**Required action**
Count how many lines of the material contain the string "spatial", then give that number and nothing more.

═══ Source records ═══

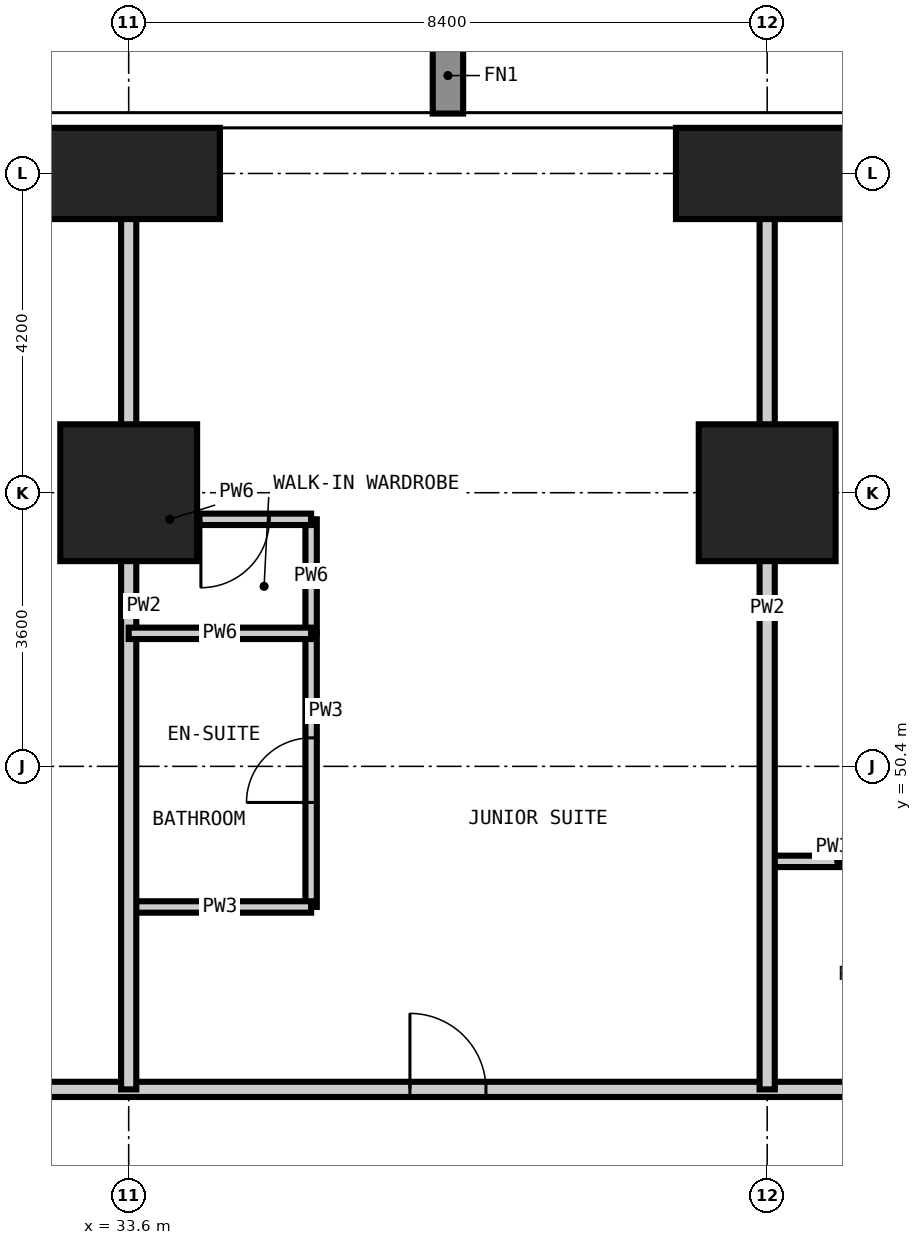
"""IFC4 building model, lengths in metres.
Left out: names, types, materials, properties, quantities, classifications, styles, units other than length and angle.
Written with IfcOpenShell. Run it as: python <this file> out.ifc"""

import sys

from ifc_helpers import new_model, si_unit, direction, frame, frame_2d, origin, origin_2d, place, context, subcontext, project, spatial, rectangle, extrude, element, fill, save


model = new_model("IFC4")
c1 = context("Model", 3, precision=1e-05, world=origin(), true_north=direction((0.0, 1.0)))
c2 = subcontext(c1, "Body", "Model", "MODEL_VIEW")
j1 = project(units=[si_unit("LENGTHUNIT", "METRE"), si_unit("PLANEANGLEUNIT", "RADIAN")], contexts=[c1])
p1 = place(None, origin())
s1 = spatial("IfcSite", under=j1, at=p1, CompositionType="ELEMENT")
p2 = place(p1, origin())
s2 = spatial("IfcBuilding", under=s1, at=p2, CompositionType="ELEMENT")
p3 = place(p2, frame((0.0, 0.0, 55.8)))
s3 = spatial("IfcBuildingStorey", under=s2, at=p3, CompositionType="ELEMENT", Elevation=55.8)
p4 = place(p3, frame((33.6, 54.0, -0.35), z_axis=(0.0, 0.0, 1.0), x_axis=(1.0, 0.0, 0.0)))
e1 = element("IfcColumn", 1, at=p4, inside=s3, PredefinedType="COLUMN", context=c2, shape_type="SweptSolid", body=[
    extrude(rectangle(XDim=1.8, YDim=1.8, at=origin_2d()), origin(), (0.0, 0.0, 1.0), 3.6),
])
p5 = place(p3, frame((33.6, 58.2, -0.35), z_axis=(0.0, 0.0, 1.0), x_axis=(1.0, 0.0, 0.0)))
e2 = element("IfcColumn", 2, at=p5, inside=s3, PredefinedType="COLUMN", context=c2, shape_type="SweptSolid", body=[
    extrude(rectangle(XDim=2.4, YDim=1.2, at=origin_2d()), origin(), (0.0, 0.0, 1.0), 3.6),
])
p6 = place(p3, frame((42.0, 54.0, -0.35), z_axis=(0.0, 0.0, 1.0), x_axis=(1.0, 0.0, 0.0)))
e3 = element("IfcColumn", 3, at=p6, inside=s3, PredefinedType="COLUMN", context=c2, shape_type="SweptSolid", body=[
    extrude(rectangle(XDim=1.8, YDim=1.8, at=origin_2d()), origin(), (0.0, 0.0, 1.0), 3.6),
])
p7 = place(p3, frame((42.0, 58.2, -0.35), z_axis=(0.0, 0.0, 1.0), x_axis=(1.0, 0.0, 0.0)))
e4 = element("IfcColumn", 4, at=p7, inside=s3, PredefinedType="COLUMN", context=c2, shape_type="SweptSolid", body=[
    extrude(rectangle(XDim=2.4, YDim=1.2, at=origin_2d()), origin(), (0.0, 0.0, 1.0), 3.6),
])
p8 = place(p3, frame((36.0, 48.55, 0.0), z_axis=(0.0, 0.0, 1.0), x_axis=(0.0, 1.0, 0.0)))
e5 = element("IfcWall", 5, at=p8, inside=s3, PredefinedType="PARTITIONING", context=c2, shape_type="SweptSolid", body=[
    extrude(rectangle(XDim=3.6, YDim=0.15, at=frame_2d((1.8, 0.0))), origin(), (0.0, 0.0, 1.0), 3.25),
])
p9 = place(p8, frame((1.375, 0.0, 0.0)))
e6 = element("IfcOpeningElement", 6, at=p9, cuts=e5, PredefinedType="OPENING", context=c2, shape_type="SweptSolid", body=[
    extrude(rectangle(XDim=0.85, YDim=2.1, at=frame_2d((0.425, 1.05))), frame((0.0, 0.085, 0.0), z_axis=(0.0, -1.0, 0.0), x_axis=(1.0, 0.0, 0.0)), (0.0, 0.0, 1.0), 0.17),
])
p10 = place(p3, frame((33.6, 48.55, 0.0), z_axis=(0.0, 0.0, 1.0), x_axis=(1.0, 0.0, 0.0)))
e7 = element("IfcWall", 7, at=p10, inside=s3, PredefinedType="PARTITIONING", context=c2, shape_type="SweptSolid", body=[
    extrude(rectangle(XDim=2.4, YDim=0.15, at=frame_2d((1.2, 0.0))), origin(), (0.0, 0.0, 1.0), 3.25),
])
p11 = place(p3, frame((42.0, 49.15, 0.0), z_axis=(0.0, 0.0, 1.0), x_axis=(1.0, 0.0, 0.0)))
e8 = element("IfcWall", 8, at=p11, inside=s3, PredefinedType="PARTITIONING", context=c2, shape_type="SweptSolid", body=[
    extrude(rectangle(XDim=3.55, YDim=0.15, at=frame_2d((1.775, 0.0))), origin(), (0.0, 0.0, 1.0), 3.25),
])
p12 = place(p11, frame((1.35, 0.0, 0.0)))
e9 = element("IfcOpeningElement", 9, at=p12, cuts=e8, PredefinedType="OPENING", context=c2, shape_type="SweptSolid", body=[
    extrude(rectangle(XDim=0.85, YDim=2.1, at=frame_2d((0.425, 1.05))), frame((0.0, 0.085, 0.0), z_axis=(0.0, -1.0, 0.0), x_axis=(1.0, 0.0, 0.0)), (0.0, 0.0, 1.0), 0.17),
])
p13 = place(p3, frame((13.85, 46.15, 0.0), z_axis=(0.0, 0.0, 1.0), x_axis=(1.0, 0.0, 0.0)))
e10 = element("IfcWall", 10, at=p13, inside=s3, PredefinedType="PARTITIONING", context=c2, shape_type="SweptSolid", body=[
    extrude(rectangle(XDim=31.7, YDim=0.2, at=frame_2d((15.85, 0.0))), origin(), (0.0, 0.0, 1.0), 3.25),
])
p14 = place(p13, frame((6.65, 0.0, 0.0)))
e11 = element("IfcOpeningElement", 11, at=p14, cuts=e10, PredefinedType="OPENING", context=c2, shape_type="SweptSolid", body=[
    extrude(rectangle(XDim=1.0, YDim=2.2, at=frame_2d((0.5, 1.1))), frame((0.0, 0.11, 0.0), z_axis=(0.0, -1.0, 0.0), x_axis=(1.0, 0.0, 0.0)), (0.0, 0.0, 1.0), 0.22),
])
p15 = place(p13, frame((15.05, 0.0, 0.0)))
e12 = element("IfcOpeningElement", 12, at=p15, cuts=e10, PredefinedType="OPENING", context=c2, shape_type="SweptSolid", body=[
    extrude(rectangle(XDim=1.0, YDim=2.2, at=frame_2d((0.5, 1.1))), frame((0.0, 0.11, 0.0), z_axis=(0.0, -1.0, 0.0), x_axis=(1.0, 0.0, 0.0)), (0.0, 0.0, 1.0), 0.22),
])
p16 = place(p13, frame((23.45, 0.0, 0.0)))
e13 = element("IfcOpeningElement", 13, at=p16, cuts=e10, PredefinedType="OPENING", context=c2, shape_type="SweptSolid", body=[
    extrude(rectangle(XDim=1.0, YDim=2.2, at=frame_2d((0.5, 1.1))), frame((0.0, 0.11, 0.0), z_axis=(0.0, -1.0, 0.0), x_axis=(1.0, 0.0, 0.0)), (0.0, 0.0, 1.0), 0.22),
])
for number, where, z_axis, x_axis in (
    (14, (33.6, 46.15, 0.0), (0.0, 0.0, 1.0), (0.0, 1.0, 0.0)),
    (15, (42.0, 46.15, 0.0), (0.0, 0.0, 1.0), (0.0, 1.0, 0.0)),
):
    element("IfcWall", number, at=place(p3, frame(where, z_axis=z_axis, x_axis=x_axis)), inside=s3, PredefinedType="PARTITIONING", context=c2, shape_type="SweptSolid", body=[
        extrude(rectangle(XDim=12.658, YDim=0.2, at=frame_2d((6.329, 0.0))), origin(), (0.0, 0.0, 1.0), 3.25),
    ])
p17 = place(p3, frame((36.0, 52.15, 0.0), z_axis=(0.0, 0.0, 1.0), x_axis=(0.0, 1.0, 0.0)))
e16 = element("IfcWall", 16, at=p17, inside=s3, PredefinedType="PARTITIONING", context=c2, shape_type="SweptSolid", body=[
    extrude(rectangle(XDim=1.5, YDim=0.15, at=frame_2d((0.75, 0.0))), origin(), (0.0, 0.0, 1.0), 3.25),
])
p18 = place(p3, frame((33.6, 52.15, 0.0), z_axis=(0.0, 0.0, 1.0), x_axis=(1.0, 0.0, 0.0)))
e17 = element("IfcWall", 17, at=p18, inside=s3, PredefinedType="PARTITIONING", context=c2, shape_type="SweptSolid", body=[
    extrude(rectangle(XDim=2.4, YDim=0.15, at=frame_2d((1.2, 0.0))), origin(), (0.0, 0.0, 1.0), 3.25),
])
p19 = place(p3, frame((33.6, 53.65, 0.0), z_axis=(0.0, 0.0, 1.0), x_axis=(1.0, 0.0, 0.0)))
e18 = element("IfcWall", 18, at=p19, inside=s3, PredefinedType="PARTITIONING", context=c2, shape_type="SweptSolid", body=[
    extrude(rectangle(XDim=2.4, YDim=0.15, at=frame_2d((1.2, 0.0))), origin(), (0.0, 0.0, 1.0), 3.25),
])
p20 = place(p19, frame((0.95, 0.0, 0.0)))
e19 = element("IfcOpeningElement", 19, at=p20, cuts=e18, PredefinedType="OPENING", context=c2, shape_type="SweptSolid", body=[
    extrude(rectangle(XDim=0.9, YDim=2.1, at=frame_2d((0.45, 1.05))), frame((0.0, 0.085, 0.0), z_axis=(0.0, -1.0, 0.0), x_axis=(1.0, 0.0, 0.0)), (0.0, 0.0, 1.0), 0.17),
])
p21 = place(p16, origin())
e20 = element("IfcDoor", 20, at=p21, inside=s3, OperationType="SINGLE_SWING_LEFT", PredefinedType="DOOR", context=c2, shape_type="SweptSolid", body=[
    extrude(rectangle(XDim=1.0, YDim=2.2, at=frame_2d((0.5, 1.1))), frame((0.0, 0.025, 0.0), z_axis=(0.0, -1.0, 0.0), x_axis=(1.0, 0.0, 0.0)), (0.0, 0.0, 1.0), 0.05),
])
fill(e13, e20)
p22 = place(p9, origin())
e21 = element("IfcDoor", 21, at=p22, inside=s3, OperationType="SINGLE_SWING_LEFT", PredefinedType="DOOR", context=c2, shape_type="SweptSolid", body=[
    extrude(rectangle(XDim=0.85, YDim=2.1, at=frame_2d((0.425, 1.05))), frame((0.0, 0.025, 0.0), z_axis=(0.0, -1.0, 0.0), x_axis=(1.0, 0.0, 0.0)), (0.0, 0.0, 1.0), 0.05),
])
fill(e6, e21)
p23 = place(p20, frame((0.9, 0.0, 0.0), z_axis=(0.0, 0.0, 1.0), x_axis=(-1.0, 0.0, 0.0)))
e22 = element("IfcDoor", 22, at=p23, inside=s3, OperationType="SINGLE_SWING_RIGHT", PredefinedType="DOOR", context=c2, shape_type="SweptSolid", body=[
    extrude(rectangle(XDim=0.9, YDim=2.1, at=frame_2d((0.45, 1.05))), frame((0.0, 0.025, 0.0), z_axis=(0.0, -1.0, 0.0), x_axis=(1.0, 0.0, 0.0)), (0.0, 0.0, 1.0), 0.05),
])
fill(e19, e22)
save(model, sys.argv[1])

═══

**Solved problem**
4